Input data:
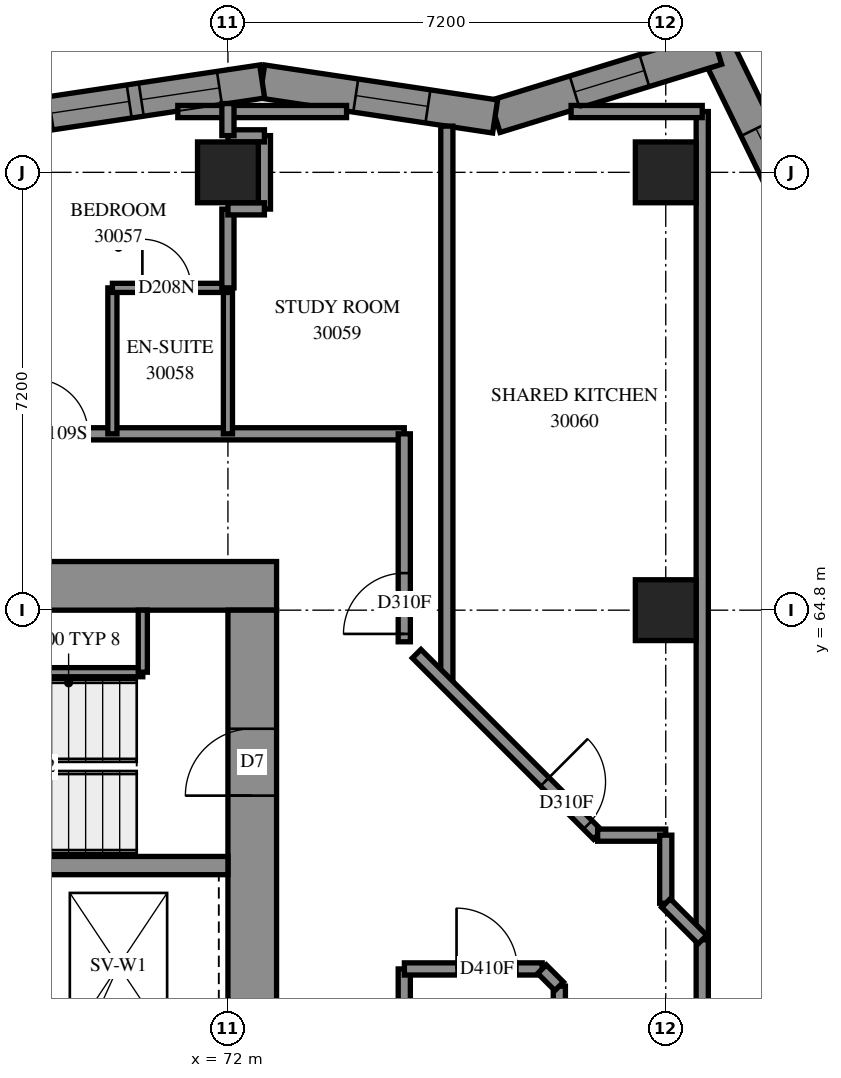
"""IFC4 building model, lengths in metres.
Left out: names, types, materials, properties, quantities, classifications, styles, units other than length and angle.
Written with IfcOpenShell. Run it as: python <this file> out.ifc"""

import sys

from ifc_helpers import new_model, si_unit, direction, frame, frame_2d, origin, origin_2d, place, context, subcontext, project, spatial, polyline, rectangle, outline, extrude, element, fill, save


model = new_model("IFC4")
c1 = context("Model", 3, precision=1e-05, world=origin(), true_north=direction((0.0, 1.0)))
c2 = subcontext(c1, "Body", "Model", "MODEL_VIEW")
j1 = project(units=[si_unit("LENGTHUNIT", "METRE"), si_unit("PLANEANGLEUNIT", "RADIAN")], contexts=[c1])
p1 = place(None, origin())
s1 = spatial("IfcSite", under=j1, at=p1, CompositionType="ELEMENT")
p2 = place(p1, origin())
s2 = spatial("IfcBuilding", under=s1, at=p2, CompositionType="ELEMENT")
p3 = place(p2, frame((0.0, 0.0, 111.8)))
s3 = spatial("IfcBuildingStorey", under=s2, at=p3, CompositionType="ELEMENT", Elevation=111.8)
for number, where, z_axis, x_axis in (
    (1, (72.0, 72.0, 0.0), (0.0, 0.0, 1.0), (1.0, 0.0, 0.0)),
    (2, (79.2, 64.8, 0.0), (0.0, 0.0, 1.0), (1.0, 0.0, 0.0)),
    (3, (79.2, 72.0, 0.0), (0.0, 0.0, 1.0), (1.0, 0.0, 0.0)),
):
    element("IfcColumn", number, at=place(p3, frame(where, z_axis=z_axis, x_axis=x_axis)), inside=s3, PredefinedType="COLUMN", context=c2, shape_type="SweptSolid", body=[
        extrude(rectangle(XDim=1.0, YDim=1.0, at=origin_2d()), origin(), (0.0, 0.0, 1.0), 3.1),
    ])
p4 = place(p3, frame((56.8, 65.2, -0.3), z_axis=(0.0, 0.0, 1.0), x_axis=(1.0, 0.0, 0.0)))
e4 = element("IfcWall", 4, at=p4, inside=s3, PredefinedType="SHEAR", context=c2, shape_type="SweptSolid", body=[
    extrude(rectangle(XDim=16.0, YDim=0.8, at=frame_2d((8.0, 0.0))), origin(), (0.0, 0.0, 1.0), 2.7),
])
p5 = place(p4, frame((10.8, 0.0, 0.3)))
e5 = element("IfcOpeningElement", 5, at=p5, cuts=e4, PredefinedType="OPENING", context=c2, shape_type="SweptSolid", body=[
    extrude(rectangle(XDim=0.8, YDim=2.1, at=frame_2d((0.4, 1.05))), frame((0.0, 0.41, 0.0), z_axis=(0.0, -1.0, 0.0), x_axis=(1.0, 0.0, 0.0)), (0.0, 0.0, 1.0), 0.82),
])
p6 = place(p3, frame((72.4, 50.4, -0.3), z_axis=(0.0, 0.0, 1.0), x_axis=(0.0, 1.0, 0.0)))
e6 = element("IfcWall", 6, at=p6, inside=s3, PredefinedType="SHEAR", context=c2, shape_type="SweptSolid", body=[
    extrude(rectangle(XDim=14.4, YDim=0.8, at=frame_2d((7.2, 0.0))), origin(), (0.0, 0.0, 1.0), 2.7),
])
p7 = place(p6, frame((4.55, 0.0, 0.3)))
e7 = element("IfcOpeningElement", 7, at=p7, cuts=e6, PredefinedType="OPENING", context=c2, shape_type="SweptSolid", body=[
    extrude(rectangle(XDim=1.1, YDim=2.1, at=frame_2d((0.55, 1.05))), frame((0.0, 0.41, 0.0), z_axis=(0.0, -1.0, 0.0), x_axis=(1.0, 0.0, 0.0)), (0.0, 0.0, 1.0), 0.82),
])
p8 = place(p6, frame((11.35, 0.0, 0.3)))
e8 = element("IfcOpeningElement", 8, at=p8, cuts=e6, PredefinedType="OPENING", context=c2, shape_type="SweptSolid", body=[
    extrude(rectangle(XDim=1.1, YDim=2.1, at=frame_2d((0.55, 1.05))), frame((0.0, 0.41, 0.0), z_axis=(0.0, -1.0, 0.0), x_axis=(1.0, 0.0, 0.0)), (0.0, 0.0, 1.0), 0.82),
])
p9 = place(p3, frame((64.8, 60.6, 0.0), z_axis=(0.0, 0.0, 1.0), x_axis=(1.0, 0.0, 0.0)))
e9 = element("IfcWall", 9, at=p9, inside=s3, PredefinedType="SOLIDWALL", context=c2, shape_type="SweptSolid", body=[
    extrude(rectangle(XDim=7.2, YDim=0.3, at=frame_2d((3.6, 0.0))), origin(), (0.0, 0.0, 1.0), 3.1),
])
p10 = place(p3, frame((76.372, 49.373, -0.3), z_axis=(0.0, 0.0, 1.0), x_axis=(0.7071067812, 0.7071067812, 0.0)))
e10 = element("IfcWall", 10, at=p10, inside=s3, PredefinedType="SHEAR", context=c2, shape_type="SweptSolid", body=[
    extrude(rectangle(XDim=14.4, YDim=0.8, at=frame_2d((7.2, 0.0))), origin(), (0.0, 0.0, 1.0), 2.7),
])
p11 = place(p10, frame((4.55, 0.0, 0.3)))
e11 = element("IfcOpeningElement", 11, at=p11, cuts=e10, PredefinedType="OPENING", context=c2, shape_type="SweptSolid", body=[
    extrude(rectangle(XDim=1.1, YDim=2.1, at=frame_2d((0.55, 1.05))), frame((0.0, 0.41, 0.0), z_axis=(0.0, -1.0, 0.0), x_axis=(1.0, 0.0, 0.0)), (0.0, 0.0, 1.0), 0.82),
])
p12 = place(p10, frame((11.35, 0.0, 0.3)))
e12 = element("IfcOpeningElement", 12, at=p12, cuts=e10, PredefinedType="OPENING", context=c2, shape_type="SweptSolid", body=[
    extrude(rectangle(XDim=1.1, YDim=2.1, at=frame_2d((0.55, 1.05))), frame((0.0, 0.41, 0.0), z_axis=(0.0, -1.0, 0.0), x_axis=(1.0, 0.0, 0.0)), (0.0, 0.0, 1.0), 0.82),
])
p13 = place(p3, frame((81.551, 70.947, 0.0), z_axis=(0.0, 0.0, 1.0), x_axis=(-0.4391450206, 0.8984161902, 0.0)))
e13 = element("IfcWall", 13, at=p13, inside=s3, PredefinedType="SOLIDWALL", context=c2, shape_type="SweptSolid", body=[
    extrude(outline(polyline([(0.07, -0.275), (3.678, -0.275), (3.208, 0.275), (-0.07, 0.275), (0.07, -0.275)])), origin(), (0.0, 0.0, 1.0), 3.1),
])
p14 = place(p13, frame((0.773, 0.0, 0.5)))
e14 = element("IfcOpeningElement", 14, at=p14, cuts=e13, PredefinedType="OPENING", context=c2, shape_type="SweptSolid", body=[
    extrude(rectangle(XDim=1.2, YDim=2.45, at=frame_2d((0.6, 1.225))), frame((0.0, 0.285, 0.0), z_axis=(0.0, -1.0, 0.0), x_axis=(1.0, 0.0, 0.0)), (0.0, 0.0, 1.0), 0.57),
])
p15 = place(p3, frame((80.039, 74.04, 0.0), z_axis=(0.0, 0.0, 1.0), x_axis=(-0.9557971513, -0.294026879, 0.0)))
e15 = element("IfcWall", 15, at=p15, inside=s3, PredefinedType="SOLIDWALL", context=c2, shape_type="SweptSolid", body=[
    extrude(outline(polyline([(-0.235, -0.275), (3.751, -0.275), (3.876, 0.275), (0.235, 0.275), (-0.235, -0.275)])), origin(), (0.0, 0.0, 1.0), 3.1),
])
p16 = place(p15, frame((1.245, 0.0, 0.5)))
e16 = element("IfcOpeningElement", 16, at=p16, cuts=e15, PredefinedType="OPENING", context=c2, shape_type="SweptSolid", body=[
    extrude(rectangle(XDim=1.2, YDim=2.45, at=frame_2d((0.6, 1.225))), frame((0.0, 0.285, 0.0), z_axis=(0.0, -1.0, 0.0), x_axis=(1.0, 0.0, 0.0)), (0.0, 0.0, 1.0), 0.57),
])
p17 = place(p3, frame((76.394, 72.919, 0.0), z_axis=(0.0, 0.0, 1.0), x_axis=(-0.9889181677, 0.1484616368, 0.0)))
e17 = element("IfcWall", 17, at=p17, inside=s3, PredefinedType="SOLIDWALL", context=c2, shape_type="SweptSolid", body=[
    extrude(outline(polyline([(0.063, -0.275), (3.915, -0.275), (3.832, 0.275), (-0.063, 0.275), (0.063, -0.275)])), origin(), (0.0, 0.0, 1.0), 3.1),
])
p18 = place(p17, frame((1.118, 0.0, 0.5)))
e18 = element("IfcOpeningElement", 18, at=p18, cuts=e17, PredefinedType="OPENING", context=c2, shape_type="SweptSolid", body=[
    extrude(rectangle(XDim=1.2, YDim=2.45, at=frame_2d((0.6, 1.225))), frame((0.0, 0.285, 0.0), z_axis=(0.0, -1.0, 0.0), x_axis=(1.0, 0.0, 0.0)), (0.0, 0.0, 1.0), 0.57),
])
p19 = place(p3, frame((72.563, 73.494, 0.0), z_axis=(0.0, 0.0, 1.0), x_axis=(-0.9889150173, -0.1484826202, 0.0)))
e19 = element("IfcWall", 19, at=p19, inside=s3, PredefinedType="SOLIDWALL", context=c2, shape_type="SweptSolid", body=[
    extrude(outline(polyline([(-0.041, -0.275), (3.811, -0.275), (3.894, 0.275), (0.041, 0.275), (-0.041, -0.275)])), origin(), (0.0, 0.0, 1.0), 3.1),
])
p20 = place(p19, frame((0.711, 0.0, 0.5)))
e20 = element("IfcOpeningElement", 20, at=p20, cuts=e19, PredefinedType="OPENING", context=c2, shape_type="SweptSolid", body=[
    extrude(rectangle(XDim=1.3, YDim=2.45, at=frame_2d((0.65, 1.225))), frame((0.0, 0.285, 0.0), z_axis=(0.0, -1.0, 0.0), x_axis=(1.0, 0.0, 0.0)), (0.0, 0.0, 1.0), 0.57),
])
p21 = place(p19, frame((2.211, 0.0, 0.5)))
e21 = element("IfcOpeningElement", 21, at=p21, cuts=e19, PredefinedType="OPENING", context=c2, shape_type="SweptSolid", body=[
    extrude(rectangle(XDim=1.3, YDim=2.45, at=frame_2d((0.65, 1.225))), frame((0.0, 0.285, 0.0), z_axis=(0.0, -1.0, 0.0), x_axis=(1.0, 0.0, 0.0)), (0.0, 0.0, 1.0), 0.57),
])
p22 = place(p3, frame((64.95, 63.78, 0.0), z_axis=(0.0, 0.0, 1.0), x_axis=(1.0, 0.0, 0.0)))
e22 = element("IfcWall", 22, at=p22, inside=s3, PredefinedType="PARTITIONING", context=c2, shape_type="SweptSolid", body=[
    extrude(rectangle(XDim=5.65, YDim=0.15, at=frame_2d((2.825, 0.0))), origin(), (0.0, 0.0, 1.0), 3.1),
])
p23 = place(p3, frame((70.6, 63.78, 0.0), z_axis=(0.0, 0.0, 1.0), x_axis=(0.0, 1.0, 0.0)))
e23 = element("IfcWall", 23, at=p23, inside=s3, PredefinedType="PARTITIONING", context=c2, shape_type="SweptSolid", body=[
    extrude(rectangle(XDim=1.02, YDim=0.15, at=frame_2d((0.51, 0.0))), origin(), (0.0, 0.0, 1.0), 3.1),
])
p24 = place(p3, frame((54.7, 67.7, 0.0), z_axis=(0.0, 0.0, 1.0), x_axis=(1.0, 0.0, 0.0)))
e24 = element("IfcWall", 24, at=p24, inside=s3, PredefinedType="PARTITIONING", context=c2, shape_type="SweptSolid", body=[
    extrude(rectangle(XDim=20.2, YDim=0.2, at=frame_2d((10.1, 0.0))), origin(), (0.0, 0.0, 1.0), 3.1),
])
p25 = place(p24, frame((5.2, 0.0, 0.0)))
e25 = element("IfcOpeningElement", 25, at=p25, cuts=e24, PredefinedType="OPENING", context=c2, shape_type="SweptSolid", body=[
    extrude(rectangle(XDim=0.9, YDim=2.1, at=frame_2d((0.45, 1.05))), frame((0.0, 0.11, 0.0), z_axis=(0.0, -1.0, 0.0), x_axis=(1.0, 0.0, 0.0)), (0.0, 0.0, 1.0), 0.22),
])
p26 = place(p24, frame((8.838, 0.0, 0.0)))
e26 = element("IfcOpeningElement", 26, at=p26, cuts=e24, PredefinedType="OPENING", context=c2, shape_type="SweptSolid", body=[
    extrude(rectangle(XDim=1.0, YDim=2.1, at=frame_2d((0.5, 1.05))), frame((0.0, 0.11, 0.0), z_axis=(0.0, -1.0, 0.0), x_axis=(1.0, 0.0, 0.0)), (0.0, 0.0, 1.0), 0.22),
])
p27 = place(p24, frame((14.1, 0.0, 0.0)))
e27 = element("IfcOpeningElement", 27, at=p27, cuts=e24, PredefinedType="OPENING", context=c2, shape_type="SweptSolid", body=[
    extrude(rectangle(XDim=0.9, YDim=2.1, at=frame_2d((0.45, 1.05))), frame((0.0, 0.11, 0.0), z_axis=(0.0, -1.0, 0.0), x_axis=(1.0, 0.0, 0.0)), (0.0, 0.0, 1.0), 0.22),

What needs to be done: Number of lines above containing "spatial": give it, with no other text.

Reply: 4